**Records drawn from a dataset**
= = =
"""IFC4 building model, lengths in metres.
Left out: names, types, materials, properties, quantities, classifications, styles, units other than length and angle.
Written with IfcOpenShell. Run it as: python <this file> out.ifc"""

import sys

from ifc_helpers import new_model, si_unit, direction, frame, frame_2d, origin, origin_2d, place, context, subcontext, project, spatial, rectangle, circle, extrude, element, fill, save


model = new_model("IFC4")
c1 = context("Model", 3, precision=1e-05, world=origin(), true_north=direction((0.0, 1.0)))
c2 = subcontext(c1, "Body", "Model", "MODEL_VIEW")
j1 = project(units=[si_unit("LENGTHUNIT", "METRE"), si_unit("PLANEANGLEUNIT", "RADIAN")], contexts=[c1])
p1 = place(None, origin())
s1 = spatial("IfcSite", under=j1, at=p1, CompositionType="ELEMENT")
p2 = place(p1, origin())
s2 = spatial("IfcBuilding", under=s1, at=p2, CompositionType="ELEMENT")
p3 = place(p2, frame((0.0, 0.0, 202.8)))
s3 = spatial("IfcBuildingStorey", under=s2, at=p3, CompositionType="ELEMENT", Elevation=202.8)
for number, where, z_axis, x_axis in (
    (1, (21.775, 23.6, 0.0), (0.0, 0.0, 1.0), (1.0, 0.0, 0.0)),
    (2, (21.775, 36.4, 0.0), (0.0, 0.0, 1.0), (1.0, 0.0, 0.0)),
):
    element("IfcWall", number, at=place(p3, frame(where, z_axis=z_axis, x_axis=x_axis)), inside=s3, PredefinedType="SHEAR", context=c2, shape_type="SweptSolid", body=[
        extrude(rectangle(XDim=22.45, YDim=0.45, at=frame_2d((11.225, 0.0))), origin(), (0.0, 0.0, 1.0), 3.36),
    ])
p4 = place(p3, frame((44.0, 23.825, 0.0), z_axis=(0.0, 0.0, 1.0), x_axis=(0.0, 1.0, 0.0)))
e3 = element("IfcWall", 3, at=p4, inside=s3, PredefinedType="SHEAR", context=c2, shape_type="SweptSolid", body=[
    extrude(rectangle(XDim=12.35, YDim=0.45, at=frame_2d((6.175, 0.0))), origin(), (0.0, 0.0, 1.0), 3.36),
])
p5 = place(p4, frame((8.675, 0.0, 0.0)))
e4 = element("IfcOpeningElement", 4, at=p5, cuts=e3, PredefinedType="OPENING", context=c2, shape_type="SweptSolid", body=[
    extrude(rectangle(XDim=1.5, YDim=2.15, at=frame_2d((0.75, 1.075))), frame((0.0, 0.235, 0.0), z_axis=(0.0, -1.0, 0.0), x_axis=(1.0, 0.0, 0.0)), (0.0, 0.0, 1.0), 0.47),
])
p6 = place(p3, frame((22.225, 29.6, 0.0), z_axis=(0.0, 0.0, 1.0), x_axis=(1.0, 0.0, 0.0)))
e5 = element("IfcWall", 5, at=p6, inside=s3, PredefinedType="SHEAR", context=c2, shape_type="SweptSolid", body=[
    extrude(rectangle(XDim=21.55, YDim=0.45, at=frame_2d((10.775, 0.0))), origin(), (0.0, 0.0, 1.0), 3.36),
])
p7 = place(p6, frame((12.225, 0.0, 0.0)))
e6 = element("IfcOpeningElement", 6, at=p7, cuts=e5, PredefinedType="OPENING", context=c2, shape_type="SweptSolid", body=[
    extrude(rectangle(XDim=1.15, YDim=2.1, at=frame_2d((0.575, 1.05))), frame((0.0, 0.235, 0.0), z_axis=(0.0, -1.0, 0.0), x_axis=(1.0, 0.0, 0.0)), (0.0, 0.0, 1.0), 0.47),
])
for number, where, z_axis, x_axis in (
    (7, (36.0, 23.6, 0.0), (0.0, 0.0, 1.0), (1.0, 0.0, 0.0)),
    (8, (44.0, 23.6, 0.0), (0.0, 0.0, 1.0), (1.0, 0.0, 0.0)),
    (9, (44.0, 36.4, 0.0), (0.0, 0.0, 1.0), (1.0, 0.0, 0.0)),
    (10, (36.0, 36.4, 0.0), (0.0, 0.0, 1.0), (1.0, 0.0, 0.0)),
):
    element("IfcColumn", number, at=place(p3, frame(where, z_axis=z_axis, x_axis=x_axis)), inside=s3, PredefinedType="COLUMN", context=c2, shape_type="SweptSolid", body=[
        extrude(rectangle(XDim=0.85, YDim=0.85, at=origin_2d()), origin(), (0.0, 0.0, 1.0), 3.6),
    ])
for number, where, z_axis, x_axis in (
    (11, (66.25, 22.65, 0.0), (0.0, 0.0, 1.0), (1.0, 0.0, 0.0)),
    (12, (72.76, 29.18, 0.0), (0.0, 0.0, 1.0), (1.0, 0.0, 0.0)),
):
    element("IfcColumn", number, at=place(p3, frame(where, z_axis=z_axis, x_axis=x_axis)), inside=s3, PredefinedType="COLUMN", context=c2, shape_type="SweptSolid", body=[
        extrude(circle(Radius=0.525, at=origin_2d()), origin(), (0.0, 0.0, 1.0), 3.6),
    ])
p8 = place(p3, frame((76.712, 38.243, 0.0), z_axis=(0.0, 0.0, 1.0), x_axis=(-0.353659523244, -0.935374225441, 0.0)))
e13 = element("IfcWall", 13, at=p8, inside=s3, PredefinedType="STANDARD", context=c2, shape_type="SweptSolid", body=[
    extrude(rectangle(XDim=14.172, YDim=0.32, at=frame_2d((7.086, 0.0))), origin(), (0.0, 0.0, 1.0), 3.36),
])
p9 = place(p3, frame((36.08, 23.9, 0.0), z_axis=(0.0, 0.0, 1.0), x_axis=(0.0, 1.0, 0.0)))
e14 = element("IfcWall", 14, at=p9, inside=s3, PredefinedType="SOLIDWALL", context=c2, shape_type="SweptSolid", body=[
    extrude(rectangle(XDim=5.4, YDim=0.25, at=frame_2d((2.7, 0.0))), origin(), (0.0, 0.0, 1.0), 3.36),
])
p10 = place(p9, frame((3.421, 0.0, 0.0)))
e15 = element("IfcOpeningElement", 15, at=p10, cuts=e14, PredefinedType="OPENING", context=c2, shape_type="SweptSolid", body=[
= = =
Look through the records for the string "inside". Copy every line that has it.

    element("IfcWall", number, at=place(p3, frame(where, z_axis=z_axis, x_axis=x_axis)), inside=s3, PredefinedType="SHEAR", context=c2, shape_type="SweptSolid", body=[
e3 = element("IfcWall", 3, at=p4, inside=s3, PredefinedType="SHEAR", context=c2, shape_type="SweptSolid", body=[
e5 = element("IfcWall", 5, at=p6, inside=s3, PredefinedType="SHEAR", context=c2, shape_type="SweptSolid", body=[
    element("IfcColumn", number, at=place(p3, frame(where, z_axis=z_axis, x_axis=x_axis)), inside=s3, PredefinedType="COLUMN", context=c2, shape_type="SweptSolid", body=[
    element("IfcColumn", number, at=place(p3, frame(where, z_axis=z_axis, x_axis=x_axis)), inside=s3, PredefinedType="COLUMN", context=c2, shape_type="SweptSolid", body=[
e13 = element("IfcWall", 13, at=p8, inside=s3, PredefinedType="STANDARD", context=c2, shape_type="SweptSolid", body=[
e14 = element("IfcWall", 14, at=p9, inside=s3, PredefinedType="SOLIDWALL", context=c2, shape_type="SweptSolid", body=[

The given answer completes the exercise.